**Assignment**
Reproduce, exactly and in full, only the lines below from the one containing "p1 = place(None, origin())" through the one containing "p5 = place(p4, frame((0.4, 0.0, 0.9)))".
Exercise input section start
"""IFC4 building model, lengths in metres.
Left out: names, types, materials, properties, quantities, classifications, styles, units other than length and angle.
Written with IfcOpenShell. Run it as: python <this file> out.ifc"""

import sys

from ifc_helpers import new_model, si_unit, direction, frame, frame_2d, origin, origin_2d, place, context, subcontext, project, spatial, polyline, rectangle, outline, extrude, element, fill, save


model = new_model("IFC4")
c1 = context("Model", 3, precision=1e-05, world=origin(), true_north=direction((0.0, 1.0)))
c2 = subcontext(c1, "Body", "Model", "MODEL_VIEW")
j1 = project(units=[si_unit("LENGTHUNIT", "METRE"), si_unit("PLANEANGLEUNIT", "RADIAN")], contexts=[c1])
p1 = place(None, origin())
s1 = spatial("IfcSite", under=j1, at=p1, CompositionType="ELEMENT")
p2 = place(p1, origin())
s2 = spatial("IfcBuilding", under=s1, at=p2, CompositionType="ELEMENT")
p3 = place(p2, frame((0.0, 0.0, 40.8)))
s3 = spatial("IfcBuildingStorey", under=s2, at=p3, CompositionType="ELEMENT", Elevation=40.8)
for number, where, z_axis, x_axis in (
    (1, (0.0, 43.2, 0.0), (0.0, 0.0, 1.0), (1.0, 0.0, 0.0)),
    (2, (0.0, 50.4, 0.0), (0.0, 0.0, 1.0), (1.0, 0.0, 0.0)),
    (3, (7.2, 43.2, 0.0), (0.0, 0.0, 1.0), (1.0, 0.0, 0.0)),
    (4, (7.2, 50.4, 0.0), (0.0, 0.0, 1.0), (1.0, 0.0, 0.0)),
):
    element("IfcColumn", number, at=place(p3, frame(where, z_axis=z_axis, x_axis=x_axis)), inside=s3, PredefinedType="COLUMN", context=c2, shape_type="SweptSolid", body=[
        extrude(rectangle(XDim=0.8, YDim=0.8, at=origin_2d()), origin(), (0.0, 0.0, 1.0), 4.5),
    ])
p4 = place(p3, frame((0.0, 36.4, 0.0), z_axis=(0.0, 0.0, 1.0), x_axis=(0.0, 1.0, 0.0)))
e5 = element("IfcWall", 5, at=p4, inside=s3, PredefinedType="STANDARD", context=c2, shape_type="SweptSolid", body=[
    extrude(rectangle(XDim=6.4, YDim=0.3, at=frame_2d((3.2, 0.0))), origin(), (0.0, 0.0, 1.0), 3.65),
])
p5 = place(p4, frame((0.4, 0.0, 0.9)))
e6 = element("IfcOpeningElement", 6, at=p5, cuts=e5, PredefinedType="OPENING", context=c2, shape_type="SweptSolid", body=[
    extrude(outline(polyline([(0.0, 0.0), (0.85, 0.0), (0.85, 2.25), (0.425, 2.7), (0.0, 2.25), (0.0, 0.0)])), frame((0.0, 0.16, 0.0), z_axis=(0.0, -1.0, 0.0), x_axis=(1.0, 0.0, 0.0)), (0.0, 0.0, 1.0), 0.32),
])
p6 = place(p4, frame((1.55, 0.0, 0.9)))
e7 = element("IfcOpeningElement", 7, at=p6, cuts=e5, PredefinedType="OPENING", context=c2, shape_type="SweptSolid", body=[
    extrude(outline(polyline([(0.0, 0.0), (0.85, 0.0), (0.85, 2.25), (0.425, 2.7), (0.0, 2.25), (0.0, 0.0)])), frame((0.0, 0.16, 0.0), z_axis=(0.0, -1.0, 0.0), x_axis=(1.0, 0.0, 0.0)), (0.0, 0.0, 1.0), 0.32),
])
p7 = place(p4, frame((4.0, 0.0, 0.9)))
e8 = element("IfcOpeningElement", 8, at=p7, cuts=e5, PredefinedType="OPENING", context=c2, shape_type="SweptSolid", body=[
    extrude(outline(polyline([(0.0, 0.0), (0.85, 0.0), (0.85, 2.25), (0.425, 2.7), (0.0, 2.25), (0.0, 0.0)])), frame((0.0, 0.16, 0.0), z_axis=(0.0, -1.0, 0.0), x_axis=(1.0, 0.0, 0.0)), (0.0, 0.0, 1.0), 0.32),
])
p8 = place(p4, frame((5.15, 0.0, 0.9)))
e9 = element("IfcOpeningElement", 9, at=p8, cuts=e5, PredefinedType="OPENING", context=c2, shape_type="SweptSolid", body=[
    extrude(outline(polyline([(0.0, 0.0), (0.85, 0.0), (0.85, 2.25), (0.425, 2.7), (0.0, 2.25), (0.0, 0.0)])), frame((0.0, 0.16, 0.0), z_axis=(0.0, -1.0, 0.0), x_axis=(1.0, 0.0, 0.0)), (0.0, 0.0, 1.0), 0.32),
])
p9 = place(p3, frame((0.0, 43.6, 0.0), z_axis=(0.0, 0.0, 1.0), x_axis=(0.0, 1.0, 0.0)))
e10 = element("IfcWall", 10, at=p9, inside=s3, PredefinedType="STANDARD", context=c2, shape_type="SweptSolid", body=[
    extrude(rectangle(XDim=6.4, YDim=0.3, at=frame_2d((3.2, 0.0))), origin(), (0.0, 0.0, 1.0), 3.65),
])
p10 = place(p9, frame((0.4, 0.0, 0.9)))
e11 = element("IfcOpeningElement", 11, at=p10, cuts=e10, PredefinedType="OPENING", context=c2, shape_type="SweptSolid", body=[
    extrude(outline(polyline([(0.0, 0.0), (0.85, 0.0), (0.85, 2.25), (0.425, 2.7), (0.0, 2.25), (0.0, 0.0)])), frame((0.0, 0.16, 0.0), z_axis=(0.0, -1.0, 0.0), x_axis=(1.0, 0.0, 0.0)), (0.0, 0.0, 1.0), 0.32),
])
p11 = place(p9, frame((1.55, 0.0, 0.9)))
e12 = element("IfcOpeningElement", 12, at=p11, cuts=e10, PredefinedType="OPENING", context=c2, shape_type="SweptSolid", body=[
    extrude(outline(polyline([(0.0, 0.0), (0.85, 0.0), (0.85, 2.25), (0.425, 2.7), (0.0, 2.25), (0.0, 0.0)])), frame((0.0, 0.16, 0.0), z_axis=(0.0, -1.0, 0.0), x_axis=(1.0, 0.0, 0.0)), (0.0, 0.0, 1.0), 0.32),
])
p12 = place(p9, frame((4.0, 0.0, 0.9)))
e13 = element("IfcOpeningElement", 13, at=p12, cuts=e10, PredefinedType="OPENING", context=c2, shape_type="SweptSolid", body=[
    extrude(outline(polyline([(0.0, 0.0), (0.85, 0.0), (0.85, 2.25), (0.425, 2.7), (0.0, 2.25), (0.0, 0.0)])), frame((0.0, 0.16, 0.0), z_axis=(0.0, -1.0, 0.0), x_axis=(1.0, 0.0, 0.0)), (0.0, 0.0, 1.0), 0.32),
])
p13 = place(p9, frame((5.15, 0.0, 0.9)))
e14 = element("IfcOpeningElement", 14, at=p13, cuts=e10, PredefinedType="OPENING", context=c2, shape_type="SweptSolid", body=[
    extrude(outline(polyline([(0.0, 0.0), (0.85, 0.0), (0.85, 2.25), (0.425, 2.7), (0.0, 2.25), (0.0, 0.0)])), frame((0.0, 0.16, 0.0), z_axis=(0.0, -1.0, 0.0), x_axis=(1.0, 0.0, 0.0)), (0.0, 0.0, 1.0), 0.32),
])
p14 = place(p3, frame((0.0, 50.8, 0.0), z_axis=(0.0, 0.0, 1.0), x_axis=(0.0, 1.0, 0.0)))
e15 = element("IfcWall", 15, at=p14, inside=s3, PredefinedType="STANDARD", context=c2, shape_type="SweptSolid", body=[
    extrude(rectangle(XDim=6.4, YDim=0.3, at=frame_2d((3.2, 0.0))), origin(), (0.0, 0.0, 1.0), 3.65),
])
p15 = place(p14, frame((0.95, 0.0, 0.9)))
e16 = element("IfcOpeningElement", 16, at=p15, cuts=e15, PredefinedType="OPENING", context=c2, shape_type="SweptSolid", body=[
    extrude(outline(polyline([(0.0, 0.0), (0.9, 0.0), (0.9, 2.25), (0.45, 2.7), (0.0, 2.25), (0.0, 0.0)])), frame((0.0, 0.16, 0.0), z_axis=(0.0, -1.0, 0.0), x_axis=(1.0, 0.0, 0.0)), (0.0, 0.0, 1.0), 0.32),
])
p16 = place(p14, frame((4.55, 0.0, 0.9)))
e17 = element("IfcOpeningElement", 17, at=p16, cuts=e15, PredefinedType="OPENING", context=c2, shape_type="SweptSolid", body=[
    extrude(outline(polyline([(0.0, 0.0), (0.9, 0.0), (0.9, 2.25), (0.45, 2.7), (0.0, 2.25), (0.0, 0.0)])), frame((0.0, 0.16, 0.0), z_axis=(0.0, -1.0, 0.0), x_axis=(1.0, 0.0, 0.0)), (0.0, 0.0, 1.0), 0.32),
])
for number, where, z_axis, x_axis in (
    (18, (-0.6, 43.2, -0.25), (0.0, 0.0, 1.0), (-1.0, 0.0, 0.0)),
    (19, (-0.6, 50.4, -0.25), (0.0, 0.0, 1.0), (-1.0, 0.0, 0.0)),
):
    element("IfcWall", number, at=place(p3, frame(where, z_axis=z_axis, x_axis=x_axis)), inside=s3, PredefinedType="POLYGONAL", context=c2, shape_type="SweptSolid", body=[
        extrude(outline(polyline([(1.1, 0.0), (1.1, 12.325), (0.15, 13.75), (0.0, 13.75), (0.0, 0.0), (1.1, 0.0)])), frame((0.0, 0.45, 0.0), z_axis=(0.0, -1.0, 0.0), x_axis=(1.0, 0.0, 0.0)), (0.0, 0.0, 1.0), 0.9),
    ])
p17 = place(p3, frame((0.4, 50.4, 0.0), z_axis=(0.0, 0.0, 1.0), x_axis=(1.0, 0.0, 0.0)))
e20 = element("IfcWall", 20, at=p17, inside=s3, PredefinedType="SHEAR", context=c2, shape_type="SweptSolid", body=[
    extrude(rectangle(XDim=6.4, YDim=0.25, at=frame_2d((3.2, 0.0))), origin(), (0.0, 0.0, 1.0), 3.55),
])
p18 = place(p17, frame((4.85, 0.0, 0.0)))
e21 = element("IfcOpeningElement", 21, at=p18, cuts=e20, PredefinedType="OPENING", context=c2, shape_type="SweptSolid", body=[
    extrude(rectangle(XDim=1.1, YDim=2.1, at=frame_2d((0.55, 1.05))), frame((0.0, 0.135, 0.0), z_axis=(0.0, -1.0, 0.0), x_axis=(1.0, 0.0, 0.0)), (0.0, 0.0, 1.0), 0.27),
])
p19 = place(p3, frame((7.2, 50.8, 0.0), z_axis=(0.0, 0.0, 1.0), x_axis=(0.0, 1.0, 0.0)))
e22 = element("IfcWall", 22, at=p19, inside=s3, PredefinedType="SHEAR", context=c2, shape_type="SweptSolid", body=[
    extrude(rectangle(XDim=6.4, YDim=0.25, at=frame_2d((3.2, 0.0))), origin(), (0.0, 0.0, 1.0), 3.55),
Exercise input section end
**Solution for this exercise**
p1 = place(None, origin())
s1 = spatial("IfcSite", under=j1, at=p1, CompositionType="ELEMENT")
p2 = place(p1, origin())
s2 = spatial("IfcBuilding", under=s1, at=p2, CompositionType="ELEMENT")
p3 = place(p2, frame((0.0, 0.0, 40.8)))
s3 = spatial("IfcBuildingStorey", under=s2, at=p3, CompositionType="ELEMENT", Elevation=40.8)
for number, where, z_axis, x_axis in (
    (1, (0.0, 43.2, 0.0), (0.0, 0.0, 1.0), (1.0, 0.0, 0.0)),
    (2, (0.0, 50.4, 0.0), (0.0, 0.0, 1.0), (1.0, 0.0, 0.0)),
    (3, (7.2, 43.2, 0.0), (0.0, 0.0, 1.0), (1.0, 0.0, 0.0)),
    (4, (7.2, 50.4, 0.0), (0.0, 0.0, 1.0), (1.0, 0.0, 0.0)),
):
    element("IfcColumn", number, at=place(p3, frame(where, z_axis=z_axis, x_axis=x_axis)), inside=s3, PredefinedType="COLUMN", context=c2, shape_type="SweptSolid", body=[
        extrude(rectangle(XDim=0.8, YDim=0.8, at=origin_2d()), origin(), (0.0, 0.0, 1.0), 4.5),
    ])
p4 = place(p3, frame((0.0, 36.4, 0.0), z_axis=(0.0, 0.0, 1.0), x_axis=(0.0, 1.0, 0.0)))
e5 = element("IfcWall", 5, at=p4, inside=s3, PredefinedType="STANDARD", context=c2, shape_type="SweptSolid", body=[
    extrude(rectangle(XDim=6.4, YDim=0.3, at=frame_2d((3.2, 0.0))), origin(), (0.0, 0.0, 1.0), 3.65),
])
p5 = place(p4, frame((0.4, 0.0, 0.9)))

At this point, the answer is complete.